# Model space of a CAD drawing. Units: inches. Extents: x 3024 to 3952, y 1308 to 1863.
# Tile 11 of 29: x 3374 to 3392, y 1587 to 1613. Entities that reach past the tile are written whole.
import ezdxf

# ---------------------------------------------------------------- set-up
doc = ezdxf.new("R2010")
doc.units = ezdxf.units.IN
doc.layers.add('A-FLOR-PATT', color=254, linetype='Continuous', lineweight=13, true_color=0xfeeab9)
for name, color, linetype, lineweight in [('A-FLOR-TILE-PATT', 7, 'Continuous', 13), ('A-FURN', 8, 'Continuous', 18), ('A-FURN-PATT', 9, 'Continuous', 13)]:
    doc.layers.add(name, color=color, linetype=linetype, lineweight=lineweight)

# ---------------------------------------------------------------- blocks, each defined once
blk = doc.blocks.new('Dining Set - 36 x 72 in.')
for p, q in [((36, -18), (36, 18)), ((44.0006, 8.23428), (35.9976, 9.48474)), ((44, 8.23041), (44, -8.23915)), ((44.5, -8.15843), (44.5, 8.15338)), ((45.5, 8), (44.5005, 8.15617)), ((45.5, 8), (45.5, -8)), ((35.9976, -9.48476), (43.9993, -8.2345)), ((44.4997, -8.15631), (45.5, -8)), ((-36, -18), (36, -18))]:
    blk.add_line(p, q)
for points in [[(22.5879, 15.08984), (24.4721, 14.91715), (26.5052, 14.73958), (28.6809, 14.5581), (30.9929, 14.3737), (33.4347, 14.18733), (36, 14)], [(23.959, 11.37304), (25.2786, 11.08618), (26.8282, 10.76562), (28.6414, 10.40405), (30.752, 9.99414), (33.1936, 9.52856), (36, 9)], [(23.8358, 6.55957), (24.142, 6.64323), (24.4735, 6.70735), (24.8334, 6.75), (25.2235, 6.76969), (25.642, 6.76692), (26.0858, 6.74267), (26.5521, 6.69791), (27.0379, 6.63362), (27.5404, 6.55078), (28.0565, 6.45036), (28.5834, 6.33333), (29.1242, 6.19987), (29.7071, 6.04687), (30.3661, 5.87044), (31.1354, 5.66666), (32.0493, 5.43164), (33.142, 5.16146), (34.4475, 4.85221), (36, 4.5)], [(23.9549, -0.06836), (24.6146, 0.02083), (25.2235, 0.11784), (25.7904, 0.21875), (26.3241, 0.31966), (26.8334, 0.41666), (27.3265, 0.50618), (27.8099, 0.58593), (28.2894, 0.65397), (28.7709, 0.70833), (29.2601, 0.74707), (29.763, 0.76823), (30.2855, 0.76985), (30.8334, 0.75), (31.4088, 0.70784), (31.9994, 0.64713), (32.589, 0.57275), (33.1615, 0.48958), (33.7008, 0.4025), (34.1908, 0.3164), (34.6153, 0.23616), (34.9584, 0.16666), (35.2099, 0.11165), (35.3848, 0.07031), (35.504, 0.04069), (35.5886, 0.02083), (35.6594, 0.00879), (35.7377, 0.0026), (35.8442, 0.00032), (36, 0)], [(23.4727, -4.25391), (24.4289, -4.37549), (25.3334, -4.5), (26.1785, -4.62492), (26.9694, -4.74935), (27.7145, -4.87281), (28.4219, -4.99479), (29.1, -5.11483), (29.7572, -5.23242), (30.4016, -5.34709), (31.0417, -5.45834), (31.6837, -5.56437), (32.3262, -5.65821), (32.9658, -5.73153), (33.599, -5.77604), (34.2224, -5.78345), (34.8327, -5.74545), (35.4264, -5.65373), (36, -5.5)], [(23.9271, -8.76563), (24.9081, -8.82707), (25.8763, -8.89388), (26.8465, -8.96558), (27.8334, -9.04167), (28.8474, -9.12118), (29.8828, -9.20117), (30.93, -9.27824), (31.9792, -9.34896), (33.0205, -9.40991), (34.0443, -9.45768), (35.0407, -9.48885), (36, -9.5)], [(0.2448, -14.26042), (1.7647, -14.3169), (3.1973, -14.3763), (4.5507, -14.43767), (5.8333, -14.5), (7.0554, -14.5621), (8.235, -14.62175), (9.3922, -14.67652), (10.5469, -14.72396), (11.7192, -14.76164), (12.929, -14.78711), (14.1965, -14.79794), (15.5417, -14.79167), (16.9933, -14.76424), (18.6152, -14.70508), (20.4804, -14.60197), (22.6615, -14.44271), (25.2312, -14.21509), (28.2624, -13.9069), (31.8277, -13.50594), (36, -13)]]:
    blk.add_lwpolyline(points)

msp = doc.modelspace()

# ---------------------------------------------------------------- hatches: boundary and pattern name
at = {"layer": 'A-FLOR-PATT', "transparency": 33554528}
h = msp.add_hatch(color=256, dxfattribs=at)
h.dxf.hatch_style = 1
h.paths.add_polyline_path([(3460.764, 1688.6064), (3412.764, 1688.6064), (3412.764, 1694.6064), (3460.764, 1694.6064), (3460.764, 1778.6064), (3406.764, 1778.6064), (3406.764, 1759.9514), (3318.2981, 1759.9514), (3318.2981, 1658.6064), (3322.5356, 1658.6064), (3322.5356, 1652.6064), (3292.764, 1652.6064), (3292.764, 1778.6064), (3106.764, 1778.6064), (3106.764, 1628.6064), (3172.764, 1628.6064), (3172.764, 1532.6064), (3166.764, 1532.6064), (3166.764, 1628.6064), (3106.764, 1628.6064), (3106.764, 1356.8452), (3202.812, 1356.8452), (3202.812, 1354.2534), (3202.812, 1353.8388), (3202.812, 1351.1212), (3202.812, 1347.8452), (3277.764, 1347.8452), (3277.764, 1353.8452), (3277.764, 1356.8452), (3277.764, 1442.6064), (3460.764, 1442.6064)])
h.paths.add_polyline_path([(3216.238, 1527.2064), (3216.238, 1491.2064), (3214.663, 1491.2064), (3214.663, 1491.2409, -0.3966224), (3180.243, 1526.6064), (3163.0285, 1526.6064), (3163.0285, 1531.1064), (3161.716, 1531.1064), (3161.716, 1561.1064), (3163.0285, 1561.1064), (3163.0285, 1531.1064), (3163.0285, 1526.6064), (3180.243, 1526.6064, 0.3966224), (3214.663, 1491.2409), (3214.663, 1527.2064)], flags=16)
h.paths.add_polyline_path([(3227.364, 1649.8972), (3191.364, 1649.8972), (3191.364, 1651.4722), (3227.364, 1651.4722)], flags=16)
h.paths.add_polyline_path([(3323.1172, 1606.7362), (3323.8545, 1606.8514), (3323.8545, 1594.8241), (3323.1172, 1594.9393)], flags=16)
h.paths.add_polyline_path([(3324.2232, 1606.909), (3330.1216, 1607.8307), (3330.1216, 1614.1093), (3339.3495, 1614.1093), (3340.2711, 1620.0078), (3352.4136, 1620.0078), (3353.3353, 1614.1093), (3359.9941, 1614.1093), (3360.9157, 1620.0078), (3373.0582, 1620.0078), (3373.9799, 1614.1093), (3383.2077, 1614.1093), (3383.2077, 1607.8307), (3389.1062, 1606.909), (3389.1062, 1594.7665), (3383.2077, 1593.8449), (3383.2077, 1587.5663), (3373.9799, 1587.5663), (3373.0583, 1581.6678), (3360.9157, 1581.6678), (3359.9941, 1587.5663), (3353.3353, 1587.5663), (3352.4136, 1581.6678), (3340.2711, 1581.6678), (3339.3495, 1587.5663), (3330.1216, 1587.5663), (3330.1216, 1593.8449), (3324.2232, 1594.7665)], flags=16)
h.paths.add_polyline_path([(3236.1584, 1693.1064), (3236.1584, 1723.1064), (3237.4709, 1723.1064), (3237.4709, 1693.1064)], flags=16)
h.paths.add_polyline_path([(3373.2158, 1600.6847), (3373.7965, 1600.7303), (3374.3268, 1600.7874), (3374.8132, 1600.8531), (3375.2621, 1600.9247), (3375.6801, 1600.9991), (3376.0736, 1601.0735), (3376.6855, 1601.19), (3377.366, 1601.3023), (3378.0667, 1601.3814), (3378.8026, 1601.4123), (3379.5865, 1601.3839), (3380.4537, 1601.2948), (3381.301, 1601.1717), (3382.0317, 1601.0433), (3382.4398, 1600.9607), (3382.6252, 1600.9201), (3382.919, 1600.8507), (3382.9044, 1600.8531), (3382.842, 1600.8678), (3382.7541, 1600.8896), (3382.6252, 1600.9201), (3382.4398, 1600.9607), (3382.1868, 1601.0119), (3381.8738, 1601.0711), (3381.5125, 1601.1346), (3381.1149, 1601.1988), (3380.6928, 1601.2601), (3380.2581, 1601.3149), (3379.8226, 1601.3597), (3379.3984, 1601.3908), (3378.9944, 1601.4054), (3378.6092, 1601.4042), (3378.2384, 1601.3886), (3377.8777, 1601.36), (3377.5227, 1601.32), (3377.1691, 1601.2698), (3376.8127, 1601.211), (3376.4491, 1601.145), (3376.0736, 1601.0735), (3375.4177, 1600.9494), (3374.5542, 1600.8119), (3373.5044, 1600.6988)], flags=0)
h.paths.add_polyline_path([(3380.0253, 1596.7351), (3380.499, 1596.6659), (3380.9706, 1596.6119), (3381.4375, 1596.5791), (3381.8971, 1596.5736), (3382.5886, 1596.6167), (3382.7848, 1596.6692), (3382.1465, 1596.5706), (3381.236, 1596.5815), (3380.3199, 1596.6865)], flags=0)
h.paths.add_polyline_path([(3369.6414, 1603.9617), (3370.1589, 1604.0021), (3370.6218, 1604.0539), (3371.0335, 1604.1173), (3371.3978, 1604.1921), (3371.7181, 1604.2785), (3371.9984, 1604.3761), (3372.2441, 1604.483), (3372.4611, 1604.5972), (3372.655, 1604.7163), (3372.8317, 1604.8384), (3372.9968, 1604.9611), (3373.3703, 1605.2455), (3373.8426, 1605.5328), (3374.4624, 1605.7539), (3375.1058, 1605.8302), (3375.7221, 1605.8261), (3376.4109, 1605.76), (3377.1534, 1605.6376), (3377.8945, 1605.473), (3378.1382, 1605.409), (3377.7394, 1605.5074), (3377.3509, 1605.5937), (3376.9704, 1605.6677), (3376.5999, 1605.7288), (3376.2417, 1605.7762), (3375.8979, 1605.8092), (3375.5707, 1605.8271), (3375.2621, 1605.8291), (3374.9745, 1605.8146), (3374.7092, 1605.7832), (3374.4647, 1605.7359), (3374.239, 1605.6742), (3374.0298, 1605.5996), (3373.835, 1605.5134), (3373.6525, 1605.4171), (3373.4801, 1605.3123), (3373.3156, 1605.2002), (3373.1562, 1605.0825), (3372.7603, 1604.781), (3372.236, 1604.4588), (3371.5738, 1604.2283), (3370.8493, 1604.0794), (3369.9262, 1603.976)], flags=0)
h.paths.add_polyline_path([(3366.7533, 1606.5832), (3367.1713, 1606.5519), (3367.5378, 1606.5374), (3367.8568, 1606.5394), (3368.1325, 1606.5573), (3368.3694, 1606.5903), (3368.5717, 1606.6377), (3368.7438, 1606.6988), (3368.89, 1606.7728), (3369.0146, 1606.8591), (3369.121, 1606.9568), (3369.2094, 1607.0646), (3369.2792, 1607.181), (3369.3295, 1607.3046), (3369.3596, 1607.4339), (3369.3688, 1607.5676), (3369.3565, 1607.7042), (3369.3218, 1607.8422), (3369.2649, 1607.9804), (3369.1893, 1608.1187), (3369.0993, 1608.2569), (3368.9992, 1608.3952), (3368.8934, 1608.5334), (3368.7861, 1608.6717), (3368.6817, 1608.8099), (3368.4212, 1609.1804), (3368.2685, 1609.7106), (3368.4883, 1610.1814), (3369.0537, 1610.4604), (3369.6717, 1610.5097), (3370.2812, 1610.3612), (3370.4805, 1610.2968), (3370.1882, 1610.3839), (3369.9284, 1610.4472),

#### What to work on:
Reproduce, word for word and in full, only the lines above that start at the line with "h = msp.add_hatch(color=256, dxfattribs=at)" and run through the line with "h.dxf.hatch_style = 1", both ends included.

#### Output of the exercise:
h = msp.add_hatch(color=256, dxfattribs=at)
h.dxf.hatch_style = 1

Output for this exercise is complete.